[[ MATERIAL SHOWN open ]]

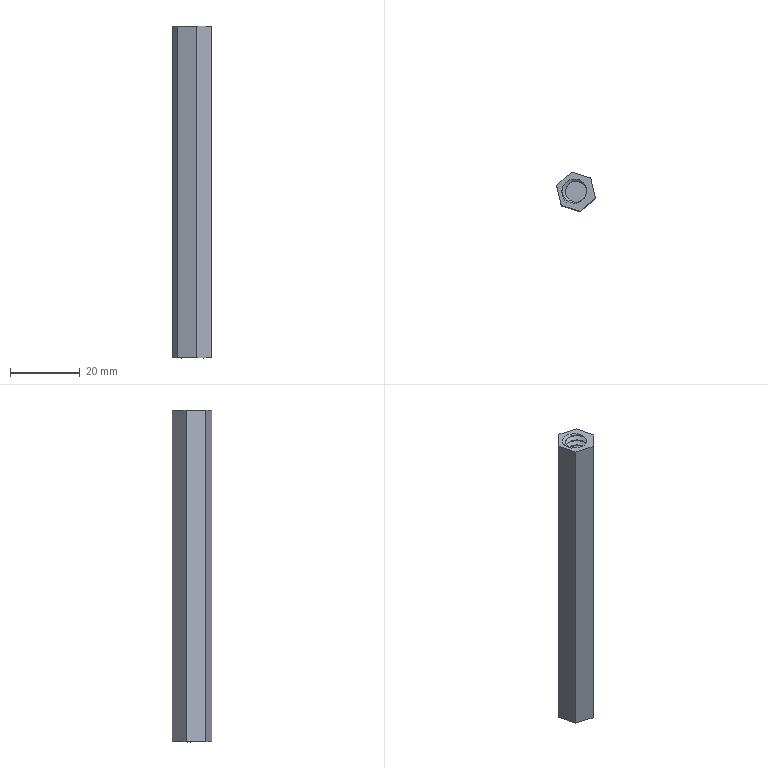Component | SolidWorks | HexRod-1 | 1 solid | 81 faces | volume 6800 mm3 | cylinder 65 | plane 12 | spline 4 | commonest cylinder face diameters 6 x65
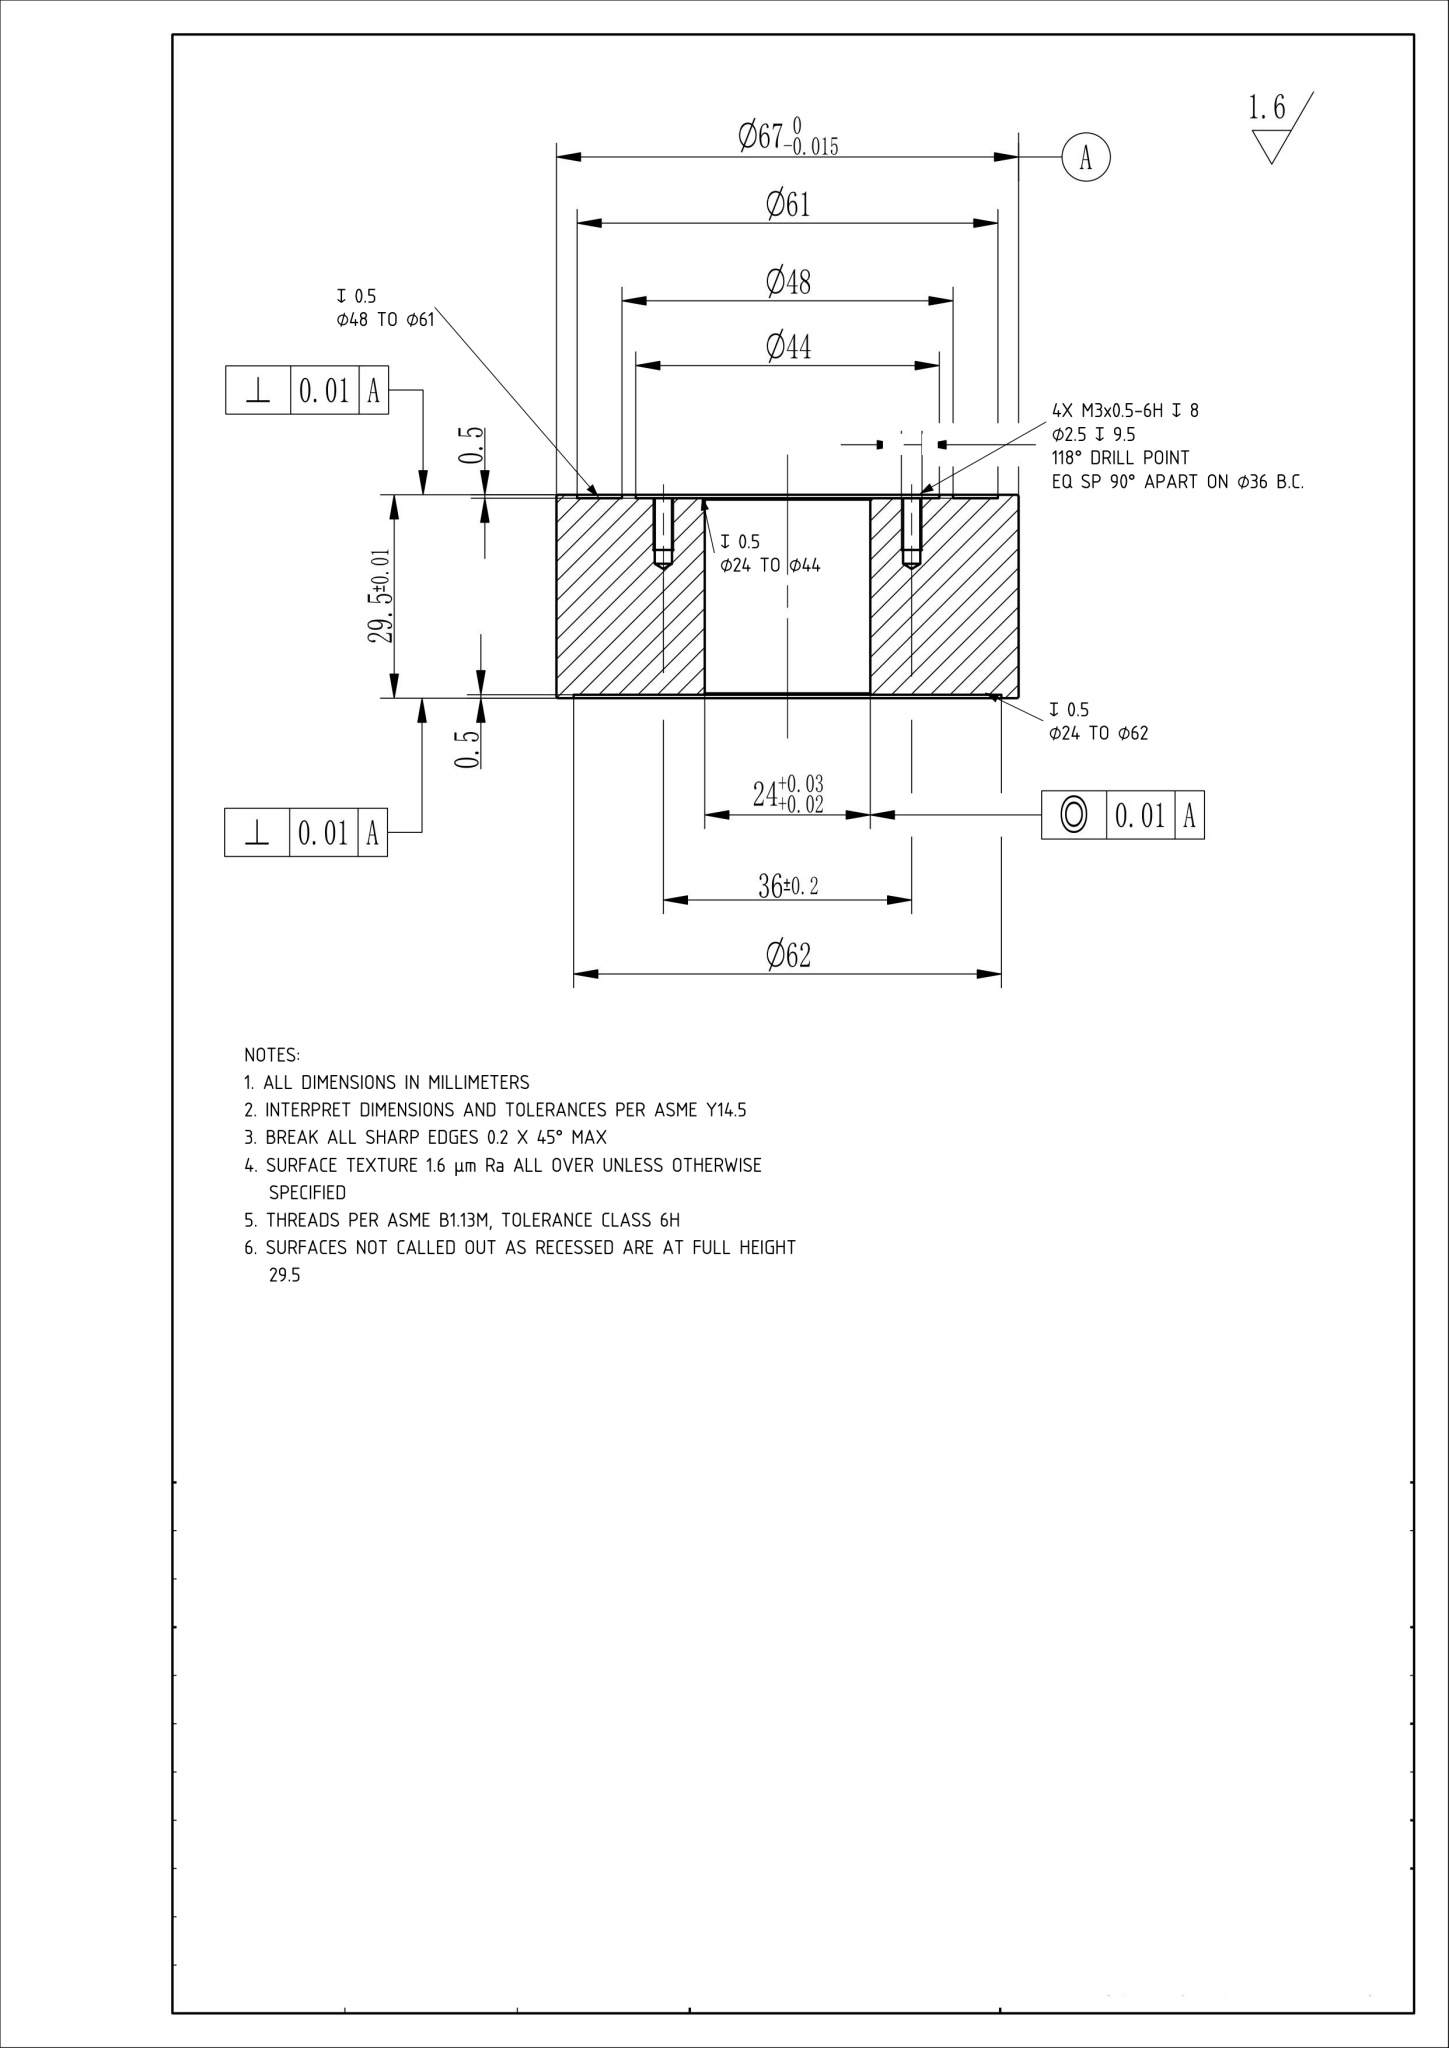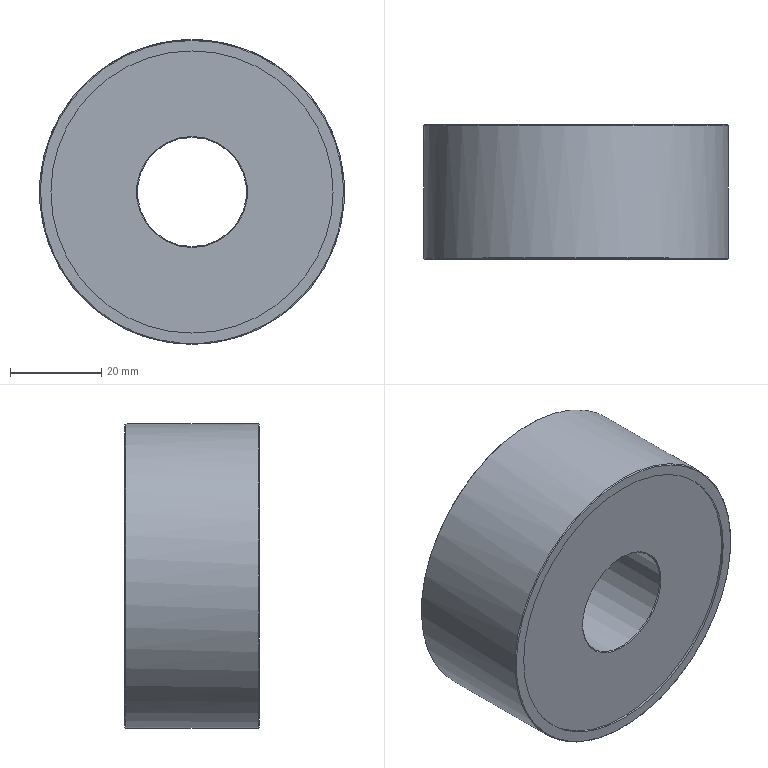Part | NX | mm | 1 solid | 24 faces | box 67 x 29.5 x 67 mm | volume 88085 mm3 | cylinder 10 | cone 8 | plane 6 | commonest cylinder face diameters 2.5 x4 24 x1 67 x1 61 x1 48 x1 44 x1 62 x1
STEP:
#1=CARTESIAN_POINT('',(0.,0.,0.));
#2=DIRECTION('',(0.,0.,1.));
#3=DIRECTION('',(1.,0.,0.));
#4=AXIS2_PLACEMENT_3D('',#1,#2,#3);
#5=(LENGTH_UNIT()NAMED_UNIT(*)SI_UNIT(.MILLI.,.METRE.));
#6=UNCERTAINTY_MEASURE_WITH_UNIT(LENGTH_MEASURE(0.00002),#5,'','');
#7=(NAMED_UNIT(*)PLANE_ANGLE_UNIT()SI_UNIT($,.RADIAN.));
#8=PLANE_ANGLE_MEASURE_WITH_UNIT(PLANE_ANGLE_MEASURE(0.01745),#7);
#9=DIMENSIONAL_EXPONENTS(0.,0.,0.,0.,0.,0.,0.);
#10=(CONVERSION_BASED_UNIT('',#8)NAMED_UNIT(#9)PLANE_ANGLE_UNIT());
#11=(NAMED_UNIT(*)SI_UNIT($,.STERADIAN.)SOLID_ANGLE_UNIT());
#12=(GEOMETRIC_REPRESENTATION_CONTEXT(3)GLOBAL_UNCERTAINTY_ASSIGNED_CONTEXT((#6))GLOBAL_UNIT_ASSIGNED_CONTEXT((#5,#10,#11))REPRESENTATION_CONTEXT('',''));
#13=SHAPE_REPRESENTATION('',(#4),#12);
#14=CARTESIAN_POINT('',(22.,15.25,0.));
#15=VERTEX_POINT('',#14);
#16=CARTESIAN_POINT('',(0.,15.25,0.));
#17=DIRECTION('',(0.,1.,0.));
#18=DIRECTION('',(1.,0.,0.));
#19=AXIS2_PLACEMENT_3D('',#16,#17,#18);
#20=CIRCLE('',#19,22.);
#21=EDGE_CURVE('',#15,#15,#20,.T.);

[[ MATERIAL SHOWN closed ]]

Leaving all pictures aside, quote each record exactly.

= ANSWER BOX =
Component | SolidWorks | HexRod-1 | 1 solid | 81 faces | volume 6800 mm3 | cylinder 65 | plane 12 | spline 4 | commonest cylinder face diameters 6 x65
Part | NX | mm | 1 solid | 24 faces | box 67 x 29.5 x 67 mm | volume 88085 mm3 | cylinder 10 | cone 8 | plane 6 | commonest cylinder face diameters 2.5 x4 24 x1 67 x1 61 x1 48 x1 44 x1 62 x1
STEP:
#1=CARTESIAN_POINT('',(0.,0.,0.));
#2=DIRECTION('',(0.,0.,1.));
#3=DIRECTION('',(1.,0.,0.));
#4=AXIS2_PLACEMENT_3D('',#1,#2,#3);
#5=(LENGTH_UNIT()NAMED_UNIT(*)SI_UNIT(.MILLI.,.METRE.));
#6=UNCERTAINTY_MEASURE_WITH_UNIT(LENGTH_MEASURE(0.00002),#5,'','');
#7=(NAMED_UNIT(*)PLANE_ANGLE_UNIT()SI_UNIT($,.RADIAN.));
#8=PLANE_ANGLE_MEASURE_WITH_UNIT(PLANE_ANGLE_MEASURE(0.01745),#7);
#9=DIMENSIONAL_EXPONENTS(0.,0.,0.,0.,0.,0.,0.);
#10=(CONVERSION_BASED_UNIT('',#8)NAMED_UNIT(#9)PLANE_ANGLE_UNIT());
#11=(NAMED_UNIT(*)SI_UNIT($,.STERADIAN.)SOLID_ANGLE_UNIT());
#12=(GEOMETRIC_REPRESENTATION_CONTEXT(3)GLOBAL_UNCERTAINTY_ASSIGNED_CONTEXT((#6))GLOBAL_UNIT_ASSIGNED_CONTEXT((#5,#10,#11))REPRESENTATION_CONTEXT('',''));
#13=SHAPE_REPRESENTATION('',(#4),#12);
#14=CARTESIAN_POINT('',(22.,15.25,0.));
#15=VERTEX_POINT('',#14);
#16=CARTESIAN_POINT('',(0.,15.25,0.));
#17=DIRECTION('',(0.,1.,0.));
#18=DIRECTION('',(1.,0.,0.));
#19=AXIS2_PLACEMENT_3D('',#16,#17,#18);
#20=CIRCLE('',#19,22.);
#21=EDGE_CURVE('',#15,#15,#20,.T.);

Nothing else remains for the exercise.